Recorded data>
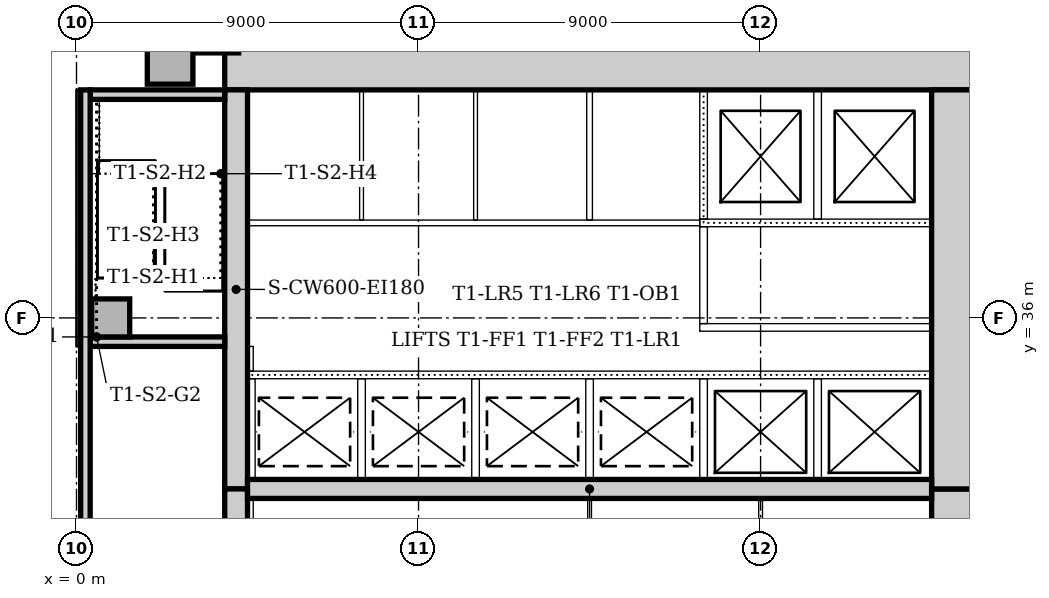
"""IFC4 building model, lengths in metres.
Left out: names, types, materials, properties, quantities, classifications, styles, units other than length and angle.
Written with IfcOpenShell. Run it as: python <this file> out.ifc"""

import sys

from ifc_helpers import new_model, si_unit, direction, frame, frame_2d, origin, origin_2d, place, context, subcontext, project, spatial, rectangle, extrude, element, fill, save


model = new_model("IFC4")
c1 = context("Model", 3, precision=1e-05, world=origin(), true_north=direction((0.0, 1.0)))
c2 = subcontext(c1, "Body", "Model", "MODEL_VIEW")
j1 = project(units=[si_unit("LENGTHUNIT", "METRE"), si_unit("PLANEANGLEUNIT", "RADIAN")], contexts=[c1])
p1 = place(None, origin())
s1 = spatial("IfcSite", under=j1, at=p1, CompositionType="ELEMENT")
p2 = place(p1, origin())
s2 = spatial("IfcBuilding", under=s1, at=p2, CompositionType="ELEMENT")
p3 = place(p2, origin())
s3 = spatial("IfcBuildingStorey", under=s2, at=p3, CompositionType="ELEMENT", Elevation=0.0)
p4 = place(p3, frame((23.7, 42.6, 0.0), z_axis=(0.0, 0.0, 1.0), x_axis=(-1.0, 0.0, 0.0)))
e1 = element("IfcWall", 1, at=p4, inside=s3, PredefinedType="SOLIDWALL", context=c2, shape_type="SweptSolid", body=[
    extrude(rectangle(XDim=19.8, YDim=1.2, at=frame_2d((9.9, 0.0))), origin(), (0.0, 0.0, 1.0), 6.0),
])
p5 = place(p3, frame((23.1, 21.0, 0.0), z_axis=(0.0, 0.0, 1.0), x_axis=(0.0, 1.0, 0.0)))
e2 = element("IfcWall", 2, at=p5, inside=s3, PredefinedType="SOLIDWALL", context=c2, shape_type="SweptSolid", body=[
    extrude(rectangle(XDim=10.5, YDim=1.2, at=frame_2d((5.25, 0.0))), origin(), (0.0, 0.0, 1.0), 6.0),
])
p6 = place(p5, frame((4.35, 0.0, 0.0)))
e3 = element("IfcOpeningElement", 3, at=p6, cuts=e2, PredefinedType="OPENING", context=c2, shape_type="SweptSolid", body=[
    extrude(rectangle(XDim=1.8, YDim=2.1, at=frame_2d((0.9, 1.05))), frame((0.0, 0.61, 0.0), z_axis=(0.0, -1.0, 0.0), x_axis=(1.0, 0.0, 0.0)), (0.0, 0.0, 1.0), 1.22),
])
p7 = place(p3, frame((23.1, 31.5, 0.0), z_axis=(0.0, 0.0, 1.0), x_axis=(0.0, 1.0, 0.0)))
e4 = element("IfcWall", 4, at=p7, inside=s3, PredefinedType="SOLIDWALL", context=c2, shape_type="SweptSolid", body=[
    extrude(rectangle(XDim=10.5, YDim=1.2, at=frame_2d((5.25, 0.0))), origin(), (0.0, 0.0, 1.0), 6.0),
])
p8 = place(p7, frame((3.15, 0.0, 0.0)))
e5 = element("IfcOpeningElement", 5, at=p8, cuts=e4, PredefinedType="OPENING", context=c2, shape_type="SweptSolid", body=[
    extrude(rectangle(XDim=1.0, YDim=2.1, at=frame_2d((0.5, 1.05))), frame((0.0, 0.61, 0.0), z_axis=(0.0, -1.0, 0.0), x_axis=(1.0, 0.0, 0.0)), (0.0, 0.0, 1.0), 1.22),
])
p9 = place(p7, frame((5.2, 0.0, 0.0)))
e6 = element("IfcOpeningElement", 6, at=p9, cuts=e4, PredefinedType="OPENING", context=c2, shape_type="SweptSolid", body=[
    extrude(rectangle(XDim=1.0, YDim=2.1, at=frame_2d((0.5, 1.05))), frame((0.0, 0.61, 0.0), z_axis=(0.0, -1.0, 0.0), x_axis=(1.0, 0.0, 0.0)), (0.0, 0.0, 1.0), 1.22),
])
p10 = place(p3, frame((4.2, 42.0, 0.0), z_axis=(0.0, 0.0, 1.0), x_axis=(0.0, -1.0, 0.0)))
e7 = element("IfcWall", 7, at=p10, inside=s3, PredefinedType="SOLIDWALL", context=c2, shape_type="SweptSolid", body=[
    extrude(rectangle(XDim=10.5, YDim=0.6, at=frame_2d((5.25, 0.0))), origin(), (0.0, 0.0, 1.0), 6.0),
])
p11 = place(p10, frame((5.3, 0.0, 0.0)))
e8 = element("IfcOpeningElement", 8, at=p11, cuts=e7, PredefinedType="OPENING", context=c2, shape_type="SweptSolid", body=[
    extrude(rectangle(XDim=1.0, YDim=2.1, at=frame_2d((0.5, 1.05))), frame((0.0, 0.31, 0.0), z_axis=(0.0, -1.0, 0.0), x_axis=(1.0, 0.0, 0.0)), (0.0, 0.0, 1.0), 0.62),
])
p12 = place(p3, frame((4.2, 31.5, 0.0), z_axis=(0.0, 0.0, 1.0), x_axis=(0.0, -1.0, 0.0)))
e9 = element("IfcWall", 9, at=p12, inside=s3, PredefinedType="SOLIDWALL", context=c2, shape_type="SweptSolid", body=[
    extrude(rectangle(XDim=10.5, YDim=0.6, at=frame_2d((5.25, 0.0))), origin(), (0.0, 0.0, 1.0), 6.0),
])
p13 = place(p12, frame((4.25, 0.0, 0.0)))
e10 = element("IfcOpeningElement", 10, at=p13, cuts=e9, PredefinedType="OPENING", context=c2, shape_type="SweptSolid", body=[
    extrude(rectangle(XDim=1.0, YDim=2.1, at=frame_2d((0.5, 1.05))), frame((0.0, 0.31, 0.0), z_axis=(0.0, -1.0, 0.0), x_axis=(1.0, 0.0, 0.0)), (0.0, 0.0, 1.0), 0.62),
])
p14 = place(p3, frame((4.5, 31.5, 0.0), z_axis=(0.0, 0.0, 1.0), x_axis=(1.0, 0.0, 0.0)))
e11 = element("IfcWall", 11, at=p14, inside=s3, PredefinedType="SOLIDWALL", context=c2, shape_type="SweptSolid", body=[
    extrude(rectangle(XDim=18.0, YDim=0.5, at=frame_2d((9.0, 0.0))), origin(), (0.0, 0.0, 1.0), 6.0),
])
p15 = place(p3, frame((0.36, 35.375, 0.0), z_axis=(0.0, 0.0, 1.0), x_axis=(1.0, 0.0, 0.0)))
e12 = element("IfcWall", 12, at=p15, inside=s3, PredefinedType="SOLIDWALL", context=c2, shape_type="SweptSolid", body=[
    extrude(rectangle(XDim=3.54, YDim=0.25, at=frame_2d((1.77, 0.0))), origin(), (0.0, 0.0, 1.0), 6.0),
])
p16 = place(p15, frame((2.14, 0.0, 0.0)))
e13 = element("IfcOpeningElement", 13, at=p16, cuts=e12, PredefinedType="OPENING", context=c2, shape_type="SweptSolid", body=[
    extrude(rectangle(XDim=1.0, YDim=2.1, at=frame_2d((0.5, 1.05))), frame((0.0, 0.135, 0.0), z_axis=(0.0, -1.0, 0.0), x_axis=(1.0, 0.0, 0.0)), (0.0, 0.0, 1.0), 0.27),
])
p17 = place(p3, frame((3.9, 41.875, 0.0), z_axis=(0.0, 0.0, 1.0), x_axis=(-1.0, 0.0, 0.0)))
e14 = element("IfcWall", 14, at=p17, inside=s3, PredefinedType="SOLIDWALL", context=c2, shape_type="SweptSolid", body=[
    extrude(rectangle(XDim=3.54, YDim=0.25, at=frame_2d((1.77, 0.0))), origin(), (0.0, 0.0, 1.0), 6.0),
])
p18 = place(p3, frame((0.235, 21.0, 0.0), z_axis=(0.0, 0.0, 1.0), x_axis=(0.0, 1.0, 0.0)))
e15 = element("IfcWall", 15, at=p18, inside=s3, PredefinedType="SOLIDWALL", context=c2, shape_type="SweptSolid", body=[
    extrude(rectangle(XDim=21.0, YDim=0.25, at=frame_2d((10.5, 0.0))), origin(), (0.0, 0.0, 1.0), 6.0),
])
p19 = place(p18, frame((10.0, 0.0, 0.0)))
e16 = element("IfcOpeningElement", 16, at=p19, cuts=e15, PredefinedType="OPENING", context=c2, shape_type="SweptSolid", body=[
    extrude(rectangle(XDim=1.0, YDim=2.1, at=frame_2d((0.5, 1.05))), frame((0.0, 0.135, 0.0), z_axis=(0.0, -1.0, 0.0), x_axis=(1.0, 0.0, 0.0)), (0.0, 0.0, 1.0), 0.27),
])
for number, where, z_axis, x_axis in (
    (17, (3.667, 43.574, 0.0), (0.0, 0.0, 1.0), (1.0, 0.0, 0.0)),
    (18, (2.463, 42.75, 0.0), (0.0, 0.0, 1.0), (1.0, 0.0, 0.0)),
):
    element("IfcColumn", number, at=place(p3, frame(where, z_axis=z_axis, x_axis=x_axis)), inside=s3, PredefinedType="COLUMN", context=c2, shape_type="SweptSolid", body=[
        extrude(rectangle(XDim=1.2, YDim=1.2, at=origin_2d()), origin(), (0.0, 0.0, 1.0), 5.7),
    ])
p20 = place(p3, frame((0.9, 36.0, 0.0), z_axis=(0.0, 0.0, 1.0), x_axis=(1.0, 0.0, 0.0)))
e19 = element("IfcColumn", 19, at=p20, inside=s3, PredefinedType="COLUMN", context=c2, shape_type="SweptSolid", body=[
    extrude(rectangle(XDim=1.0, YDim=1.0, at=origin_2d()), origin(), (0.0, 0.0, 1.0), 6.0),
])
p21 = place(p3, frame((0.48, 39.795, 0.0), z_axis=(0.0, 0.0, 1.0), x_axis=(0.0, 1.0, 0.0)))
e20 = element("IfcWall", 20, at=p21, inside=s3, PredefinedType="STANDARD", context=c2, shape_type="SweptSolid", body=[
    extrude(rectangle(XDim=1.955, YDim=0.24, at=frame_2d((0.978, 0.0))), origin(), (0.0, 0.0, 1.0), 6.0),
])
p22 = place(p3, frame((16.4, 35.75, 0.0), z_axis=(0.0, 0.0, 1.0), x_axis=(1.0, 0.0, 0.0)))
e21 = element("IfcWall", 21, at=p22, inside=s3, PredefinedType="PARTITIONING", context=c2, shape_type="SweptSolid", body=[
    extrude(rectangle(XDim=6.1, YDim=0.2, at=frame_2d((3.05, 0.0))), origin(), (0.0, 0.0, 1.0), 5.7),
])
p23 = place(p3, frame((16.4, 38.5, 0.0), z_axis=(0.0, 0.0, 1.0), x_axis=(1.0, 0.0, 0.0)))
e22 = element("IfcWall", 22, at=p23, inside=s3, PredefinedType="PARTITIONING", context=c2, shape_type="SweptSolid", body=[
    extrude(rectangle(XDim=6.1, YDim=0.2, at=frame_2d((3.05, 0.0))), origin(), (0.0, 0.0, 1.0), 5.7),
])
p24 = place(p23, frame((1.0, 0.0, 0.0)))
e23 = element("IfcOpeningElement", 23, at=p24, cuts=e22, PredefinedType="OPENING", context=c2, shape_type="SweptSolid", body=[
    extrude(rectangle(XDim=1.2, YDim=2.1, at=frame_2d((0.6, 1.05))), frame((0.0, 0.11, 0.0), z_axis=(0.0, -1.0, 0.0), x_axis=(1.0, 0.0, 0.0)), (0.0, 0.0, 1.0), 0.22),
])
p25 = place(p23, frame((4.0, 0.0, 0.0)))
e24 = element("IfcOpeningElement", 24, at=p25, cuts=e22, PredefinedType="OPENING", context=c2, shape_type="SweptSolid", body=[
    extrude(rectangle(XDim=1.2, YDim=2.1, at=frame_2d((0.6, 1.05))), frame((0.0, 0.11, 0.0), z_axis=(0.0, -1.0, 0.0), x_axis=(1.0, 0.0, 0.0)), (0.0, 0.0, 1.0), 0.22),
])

Task requirements>
Your answer must be a single number: how many lines of the records contain the word "under".

Answer space>
3